When a line in the data below includes "units", pick it out and copy it.

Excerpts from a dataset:
+-------+

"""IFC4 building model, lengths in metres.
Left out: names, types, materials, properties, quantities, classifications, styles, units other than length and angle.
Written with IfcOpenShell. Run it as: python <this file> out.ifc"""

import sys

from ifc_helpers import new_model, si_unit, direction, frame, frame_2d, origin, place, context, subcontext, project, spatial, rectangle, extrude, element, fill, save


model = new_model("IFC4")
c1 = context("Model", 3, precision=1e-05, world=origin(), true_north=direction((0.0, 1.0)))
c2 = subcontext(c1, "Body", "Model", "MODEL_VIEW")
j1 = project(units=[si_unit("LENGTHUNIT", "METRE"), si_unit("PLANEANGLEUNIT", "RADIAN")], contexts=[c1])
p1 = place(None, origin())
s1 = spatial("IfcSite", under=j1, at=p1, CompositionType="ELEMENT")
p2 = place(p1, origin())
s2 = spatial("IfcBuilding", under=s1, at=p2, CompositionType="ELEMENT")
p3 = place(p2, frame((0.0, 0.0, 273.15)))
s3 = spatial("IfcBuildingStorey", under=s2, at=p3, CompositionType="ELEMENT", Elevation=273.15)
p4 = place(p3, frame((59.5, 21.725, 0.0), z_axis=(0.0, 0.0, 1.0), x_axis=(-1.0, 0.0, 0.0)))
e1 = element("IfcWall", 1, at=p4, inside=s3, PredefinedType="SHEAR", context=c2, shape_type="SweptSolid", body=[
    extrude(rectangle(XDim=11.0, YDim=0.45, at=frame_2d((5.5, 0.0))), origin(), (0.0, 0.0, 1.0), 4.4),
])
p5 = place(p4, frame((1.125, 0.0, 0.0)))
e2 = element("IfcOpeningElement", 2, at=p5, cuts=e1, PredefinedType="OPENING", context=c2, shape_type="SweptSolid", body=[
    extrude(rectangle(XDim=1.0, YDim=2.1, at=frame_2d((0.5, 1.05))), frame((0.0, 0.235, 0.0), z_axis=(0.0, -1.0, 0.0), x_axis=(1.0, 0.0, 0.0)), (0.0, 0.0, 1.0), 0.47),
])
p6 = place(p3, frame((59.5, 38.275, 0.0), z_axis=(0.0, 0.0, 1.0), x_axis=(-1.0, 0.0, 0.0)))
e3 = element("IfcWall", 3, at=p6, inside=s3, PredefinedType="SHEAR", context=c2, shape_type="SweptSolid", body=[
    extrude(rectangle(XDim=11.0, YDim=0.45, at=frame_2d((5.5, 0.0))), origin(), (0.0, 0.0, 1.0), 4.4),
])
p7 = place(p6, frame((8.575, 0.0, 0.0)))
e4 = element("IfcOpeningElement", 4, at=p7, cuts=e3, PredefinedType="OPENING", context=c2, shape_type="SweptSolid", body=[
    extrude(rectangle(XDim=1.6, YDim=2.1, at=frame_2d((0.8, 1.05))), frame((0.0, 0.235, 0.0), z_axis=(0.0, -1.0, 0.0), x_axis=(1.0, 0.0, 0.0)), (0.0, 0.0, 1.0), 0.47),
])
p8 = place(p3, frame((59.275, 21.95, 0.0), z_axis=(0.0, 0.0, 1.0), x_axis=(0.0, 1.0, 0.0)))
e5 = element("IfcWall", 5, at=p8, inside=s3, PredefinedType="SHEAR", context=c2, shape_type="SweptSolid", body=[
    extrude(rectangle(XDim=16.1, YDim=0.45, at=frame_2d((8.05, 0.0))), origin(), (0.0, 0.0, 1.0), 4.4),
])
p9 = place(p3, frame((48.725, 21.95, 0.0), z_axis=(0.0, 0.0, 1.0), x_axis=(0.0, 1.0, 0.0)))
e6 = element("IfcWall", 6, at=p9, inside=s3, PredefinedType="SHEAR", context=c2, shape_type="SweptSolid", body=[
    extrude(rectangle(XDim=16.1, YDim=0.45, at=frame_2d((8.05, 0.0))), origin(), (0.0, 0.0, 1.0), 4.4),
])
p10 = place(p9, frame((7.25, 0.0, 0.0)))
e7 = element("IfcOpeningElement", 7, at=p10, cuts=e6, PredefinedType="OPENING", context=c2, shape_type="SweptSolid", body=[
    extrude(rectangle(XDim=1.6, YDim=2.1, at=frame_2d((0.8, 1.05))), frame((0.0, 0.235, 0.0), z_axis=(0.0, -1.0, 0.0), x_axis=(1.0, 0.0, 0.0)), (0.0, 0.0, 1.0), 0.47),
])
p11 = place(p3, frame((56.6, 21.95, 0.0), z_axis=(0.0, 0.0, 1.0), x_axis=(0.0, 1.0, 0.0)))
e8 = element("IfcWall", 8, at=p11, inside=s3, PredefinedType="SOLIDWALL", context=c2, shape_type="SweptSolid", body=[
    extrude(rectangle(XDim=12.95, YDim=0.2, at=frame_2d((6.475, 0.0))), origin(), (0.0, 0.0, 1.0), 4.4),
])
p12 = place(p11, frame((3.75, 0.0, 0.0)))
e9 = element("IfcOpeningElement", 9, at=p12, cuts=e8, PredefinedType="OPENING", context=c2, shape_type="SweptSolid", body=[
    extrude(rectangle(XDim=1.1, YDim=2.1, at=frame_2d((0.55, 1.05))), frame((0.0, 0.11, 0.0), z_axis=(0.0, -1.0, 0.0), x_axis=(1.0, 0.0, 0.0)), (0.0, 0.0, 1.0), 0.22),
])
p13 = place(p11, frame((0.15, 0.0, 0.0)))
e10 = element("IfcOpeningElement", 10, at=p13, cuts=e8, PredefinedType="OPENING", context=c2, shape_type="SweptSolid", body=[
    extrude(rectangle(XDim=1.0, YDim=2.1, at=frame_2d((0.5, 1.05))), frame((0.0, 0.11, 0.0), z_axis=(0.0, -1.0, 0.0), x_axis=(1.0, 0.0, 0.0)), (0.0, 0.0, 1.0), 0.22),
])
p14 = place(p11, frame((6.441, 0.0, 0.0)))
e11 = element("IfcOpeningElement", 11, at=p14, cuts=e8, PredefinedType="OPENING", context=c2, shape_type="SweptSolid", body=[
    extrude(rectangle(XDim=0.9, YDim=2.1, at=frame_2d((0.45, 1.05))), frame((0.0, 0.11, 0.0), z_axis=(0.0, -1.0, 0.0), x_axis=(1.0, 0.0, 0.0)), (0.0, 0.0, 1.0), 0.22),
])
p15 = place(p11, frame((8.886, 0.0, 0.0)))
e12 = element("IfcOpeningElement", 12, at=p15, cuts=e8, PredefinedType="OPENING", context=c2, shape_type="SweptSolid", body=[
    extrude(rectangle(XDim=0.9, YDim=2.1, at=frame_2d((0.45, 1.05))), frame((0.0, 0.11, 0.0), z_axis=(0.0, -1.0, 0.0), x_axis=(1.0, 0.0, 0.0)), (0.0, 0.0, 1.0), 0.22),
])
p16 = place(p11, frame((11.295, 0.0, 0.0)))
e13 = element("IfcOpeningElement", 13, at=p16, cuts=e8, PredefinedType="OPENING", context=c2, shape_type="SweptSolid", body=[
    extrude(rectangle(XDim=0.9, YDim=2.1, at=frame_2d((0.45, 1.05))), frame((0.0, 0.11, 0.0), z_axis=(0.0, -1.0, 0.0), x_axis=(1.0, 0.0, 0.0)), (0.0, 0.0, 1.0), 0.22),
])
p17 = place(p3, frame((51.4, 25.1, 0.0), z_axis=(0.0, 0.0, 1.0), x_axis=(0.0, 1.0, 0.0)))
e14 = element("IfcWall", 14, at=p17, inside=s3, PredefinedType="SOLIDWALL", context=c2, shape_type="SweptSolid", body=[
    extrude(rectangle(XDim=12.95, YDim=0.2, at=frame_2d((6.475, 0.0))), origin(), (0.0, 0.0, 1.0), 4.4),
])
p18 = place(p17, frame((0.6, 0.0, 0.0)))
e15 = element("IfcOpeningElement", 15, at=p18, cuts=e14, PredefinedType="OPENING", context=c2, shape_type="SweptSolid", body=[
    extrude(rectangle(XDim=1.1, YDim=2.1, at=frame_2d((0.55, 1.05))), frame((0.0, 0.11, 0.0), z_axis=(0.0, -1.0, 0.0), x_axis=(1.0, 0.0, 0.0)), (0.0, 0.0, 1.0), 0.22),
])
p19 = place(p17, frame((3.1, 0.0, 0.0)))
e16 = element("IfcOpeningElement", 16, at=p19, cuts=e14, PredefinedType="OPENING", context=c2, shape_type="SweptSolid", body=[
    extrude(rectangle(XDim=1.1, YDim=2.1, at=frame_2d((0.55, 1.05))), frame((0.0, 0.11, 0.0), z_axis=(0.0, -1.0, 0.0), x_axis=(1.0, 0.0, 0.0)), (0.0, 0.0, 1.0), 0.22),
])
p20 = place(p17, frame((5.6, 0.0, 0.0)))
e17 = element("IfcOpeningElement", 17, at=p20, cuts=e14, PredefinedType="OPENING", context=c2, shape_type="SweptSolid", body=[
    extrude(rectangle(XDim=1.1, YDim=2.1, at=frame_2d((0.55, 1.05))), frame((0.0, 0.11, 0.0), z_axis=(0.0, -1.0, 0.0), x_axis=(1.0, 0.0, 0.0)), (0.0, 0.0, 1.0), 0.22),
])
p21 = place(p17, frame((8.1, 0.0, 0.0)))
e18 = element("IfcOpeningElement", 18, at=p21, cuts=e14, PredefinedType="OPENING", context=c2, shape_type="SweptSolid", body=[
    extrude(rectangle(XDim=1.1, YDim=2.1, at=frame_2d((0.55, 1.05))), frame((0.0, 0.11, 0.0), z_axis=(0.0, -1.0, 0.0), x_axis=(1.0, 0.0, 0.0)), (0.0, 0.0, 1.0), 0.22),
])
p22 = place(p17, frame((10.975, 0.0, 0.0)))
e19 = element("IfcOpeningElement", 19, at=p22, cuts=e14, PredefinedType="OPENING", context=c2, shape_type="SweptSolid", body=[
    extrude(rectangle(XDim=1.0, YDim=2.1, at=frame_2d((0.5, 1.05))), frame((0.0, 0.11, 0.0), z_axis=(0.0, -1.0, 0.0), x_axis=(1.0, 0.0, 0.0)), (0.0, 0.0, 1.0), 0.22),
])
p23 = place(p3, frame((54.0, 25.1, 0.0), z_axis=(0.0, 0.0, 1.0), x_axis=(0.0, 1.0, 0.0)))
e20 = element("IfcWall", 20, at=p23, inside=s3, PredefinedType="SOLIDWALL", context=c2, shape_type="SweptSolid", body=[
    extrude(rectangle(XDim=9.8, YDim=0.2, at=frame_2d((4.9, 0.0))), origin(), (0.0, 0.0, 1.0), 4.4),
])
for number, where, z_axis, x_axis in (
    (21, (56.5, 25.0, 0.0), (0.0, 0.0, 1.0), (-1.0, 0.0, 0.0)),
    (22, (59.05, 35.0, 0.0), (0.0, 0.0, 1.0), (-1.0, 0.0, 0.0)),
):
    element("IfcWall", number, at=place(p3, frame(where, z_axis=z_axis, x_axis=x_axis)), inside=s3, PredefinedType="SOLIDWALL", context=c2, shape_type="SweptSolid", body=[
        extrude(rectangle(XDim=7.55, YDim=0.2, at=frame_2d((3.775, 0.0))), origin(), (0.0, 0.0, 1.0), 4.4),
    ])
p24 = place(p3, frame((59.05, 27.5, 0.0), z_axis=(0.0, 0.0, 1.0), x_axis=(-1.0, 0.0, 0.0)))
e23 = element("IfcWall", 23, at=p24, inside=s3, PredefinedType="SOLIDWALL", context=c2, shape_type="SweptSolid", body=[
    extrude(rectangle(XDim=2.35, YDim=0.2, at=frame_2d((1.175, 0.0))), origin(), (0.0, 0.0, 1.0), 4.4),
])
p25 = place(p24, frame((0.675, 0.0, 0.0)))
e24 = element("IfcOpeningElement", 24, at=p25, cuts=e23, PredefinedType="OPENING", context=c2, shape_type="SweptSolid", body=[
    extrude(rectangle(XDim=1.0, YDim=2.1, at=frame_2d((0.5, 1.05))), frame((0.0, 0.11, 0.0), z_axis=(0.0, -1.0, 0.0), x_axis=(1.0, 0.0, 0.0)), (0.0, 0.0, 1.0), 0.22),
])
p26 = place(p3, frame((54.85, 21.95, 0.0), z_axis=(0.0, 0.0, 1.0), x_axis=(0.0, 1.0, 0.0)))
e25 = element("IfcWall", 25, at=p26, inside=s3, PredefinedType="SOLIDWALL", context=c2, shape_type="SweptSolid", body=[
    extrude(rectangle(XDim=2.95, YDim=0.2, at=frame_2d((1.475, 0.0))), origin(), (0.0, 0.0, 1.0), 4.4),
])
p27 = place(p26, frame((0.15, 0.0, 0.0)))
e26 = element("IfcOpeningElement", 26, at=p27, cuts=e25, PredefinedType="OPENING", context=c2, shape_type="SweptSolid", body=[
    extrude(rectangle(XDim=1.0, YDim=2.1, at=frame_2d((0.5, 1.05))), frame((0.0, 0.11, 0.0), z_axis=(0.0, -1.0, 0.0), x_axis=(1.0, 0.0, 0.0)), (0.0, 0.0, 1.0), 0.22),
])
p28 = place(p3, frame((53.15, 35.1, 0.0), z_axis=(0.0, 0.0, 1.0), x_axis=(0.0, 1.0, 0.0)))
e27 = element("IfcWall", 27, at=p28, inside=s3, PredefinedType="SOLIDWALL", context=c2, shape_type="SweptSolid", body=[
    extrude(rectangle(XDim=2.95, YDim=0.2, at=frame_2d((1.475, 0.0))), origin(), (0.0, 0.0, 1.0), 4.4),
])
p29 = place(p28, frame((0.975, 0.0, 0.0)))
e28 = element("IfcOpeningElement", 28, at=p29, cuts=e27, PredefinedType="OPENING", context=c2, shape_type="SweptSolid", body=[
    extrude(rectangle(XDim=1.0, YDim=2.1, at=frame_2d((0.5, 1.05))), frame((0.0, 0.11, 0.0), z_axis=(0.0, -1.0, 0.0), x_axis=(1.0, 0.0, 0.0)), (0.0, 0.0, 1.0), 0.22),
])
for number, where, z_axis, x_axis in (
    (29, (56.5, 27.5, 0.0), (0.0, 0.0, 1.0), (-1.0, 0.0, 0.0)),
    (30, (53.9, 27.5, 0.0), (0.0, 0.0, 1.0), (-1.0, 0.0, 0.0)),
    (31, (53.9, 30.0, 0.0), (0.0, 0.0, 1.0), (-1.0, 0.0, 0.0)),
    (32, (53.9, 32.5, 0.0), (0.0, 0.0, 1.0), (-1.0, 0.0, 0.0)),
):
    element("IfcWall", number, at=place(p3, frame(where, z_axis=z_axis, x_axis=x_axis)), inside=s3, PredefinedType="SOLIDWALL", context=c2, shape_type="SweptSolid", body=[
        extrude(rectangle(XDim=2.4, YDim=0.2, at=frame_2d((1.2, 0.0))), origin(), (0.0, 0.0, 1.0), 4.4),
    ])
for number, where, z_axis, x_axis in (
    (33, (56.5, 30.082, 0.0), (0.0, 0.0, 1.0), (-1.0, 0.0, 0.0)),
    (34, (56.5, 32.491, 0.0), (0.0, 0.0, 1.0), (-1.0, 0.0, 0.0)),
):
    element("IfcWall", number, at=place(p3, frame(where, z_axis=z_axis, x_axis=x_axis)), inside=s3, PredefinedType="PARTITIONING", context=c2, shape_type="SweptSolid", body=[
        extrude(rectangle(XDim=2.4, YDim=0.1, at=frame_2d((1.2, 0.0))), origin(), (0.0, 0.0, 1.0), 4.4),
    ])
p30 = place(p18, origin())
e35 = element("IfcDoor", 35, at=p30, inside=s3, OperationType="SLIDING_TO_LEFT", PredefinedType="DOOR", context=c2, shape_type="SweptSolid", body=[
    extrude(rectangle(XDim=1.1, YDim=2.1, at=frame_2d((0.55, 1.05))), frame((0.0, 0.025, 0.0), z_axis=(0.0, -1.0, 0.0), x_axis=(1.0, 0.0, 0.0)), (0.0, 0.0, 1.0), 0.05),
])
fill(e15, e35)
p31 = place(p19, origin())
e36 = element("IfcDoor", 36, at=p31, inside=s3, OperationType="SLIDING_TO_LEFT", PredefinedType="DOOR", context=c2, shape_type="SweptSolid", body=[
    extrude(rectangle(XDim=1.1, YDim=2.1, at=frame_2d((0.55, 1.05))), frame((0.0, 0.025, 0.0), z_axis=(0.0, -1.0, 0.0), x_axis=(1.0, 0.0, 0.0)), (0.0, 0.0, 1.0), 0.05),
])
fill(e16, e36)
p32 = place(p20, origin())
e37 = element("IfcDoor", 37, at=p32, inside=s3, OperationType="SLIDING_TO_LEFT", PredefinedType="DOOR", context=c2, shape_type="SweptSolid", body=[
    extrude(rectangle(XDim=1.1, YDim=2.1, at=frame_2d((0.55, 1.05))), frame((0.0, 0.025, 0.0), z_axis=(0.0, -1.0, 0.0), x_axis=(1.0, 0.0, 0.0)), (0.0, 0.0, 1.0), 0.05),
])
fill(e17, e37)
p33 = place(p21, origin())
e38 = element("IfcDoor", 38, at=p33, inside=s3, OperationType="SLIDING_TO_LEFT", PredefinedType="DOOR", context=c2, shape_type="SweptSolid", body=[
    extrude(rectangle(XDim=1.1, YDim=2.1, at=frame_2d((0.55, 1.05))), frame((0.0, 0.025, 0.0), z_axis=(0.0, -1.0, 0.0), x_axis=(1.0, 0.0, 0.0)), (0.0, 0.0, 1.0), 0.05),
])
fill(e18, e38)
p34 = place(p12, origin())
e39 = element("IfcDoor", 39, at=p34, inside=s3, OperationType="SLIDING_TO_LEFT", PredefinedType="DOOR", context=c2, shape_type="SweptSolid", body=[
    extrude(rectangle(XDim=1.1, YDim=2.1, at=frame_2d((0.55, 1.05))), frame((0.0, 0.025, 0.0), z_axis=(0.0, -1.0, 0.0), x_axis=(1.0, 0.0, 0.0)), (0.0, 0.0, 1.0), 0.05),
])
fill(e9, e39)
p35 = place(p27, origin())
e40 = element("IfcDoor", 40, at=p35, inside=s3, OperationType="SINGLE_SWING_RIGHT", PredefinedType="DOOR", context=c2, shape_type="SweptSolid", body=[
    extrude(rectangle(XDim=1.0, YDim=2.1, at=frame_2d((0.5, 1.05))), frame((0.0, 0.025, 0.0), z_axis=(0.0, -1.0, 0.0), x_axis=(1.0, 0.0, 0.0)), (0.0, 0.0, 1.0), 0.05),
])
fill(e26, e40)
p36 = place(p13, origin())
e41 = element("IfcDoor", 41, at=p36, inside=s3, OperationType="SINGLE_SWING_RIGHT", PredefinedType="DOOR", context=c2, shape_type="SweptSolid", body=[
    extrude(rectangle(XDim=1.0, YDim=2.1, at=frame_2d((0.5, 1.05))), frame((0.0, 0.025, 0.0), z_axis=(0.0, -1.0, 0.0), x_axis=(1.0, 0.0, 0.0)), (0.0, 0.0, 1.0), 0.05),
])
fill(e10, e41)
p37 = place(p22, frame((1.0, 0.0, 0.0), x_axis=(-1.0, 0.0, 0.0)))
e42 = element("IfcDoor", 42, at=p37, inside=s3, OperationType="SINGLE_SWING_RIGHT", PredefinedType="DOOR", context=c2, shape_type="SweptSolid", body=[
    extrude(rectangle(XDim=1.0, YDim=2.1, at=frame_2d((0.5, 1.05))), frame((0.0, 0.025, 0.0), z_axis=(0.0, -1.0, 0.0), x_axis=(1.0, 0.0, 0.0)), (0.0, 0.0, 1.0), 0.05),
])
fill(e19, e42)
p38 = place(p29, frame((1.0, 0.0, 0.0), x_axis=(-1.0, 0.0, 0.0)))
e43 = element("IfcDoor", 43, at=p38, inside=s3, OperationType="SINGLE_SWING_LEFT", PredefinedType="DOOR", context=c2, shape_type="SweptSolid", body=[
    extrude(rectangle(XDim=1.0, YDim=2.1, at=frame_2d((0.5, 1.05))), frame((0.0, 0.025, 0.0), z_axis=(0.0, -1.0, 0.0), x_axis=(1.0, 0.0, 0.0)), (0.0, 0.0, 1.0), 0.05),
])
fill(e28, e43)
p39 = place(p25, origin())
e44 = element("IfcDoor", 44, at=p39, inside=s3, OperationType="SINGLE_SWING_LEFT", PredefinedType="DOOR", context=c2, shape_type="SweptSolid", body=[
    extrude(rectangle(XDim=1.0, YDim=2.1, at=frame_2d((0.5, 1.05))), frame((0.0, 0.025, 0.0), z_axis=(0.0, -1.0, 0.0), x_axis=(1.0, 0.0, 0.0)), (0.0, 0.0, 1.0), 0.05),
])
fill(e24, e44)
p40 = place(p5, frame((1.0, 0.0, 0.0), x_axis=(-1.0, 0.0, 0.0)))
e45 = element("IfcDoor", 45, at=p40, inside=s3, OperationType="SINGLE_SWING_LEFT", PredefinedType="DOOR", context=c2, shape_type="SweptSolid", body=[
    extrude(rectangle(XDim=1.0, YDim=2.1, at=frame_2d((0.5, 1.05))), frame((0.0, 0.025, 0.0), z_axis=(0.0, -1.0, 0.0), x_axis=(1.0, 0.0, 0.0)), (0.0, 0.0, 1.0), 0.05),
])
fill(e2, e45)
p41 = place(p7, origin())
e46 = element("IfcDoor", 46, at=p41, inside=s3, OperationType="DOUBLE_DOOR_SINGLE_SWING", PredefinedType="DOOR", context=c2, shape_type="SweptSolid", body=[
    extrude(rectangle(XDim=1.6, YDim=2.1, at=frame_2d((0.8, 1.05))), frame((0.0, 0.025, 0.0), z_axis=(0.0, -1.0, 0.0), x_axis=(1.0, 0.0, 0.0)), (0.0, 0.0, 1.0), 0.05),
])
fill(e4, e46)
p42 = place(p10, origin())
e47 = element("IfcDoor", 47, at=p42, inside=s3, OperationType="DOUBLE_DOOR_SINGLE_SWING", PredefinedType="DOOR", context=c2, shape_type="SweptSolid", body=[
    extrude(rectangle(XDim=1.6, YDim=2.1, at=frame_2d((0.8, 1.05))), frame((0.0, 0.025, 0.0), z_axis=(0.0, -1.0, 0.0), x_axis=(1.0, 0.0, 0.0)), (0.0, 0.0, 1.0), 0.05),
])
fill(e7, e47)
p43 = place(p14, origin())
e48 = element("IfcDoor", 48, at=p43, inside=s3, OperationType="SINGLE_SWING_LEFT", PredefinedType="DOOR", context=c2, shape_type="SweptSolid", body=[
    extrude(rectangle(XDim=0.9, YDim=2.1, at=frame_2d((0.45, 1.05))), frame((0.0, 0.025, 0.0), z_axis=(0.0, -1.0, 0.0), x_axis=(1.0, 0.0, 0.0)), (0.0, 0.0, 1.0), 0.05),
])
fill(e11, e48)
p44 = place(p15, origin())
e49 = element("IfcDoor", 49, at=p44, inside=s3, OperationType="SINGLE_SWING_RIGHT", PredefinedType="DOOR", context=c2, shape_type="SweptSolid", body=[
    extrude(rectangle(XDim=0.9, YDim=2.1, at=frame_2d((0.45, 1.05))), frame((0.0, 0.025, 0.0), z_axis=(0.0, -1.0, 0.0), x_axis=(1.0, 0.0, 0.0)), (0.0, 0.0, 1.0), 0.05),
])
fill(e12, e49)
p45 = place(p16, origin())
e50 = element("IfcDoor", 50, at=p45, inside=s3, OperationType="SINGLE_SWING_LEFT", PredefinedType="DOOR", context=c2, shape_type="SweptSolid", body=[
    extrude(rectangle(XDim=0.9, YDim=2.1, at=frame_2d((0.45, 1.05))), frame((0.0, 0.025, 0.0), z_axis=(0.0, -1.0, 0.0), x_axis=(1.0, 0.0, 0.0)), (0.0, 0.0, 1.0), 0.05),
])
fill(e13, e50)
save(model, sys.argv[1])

+-------+

* RESULT BELOW
Left out: names, types, materials, properties, quantities, classifications, styles, units other than length and angle.
j1 = project(units=[si_unit("LENGTHUNIT", "METRE"), si_unit("PLANEANGLEUNIT", "RADIAN")], contexts=[c1])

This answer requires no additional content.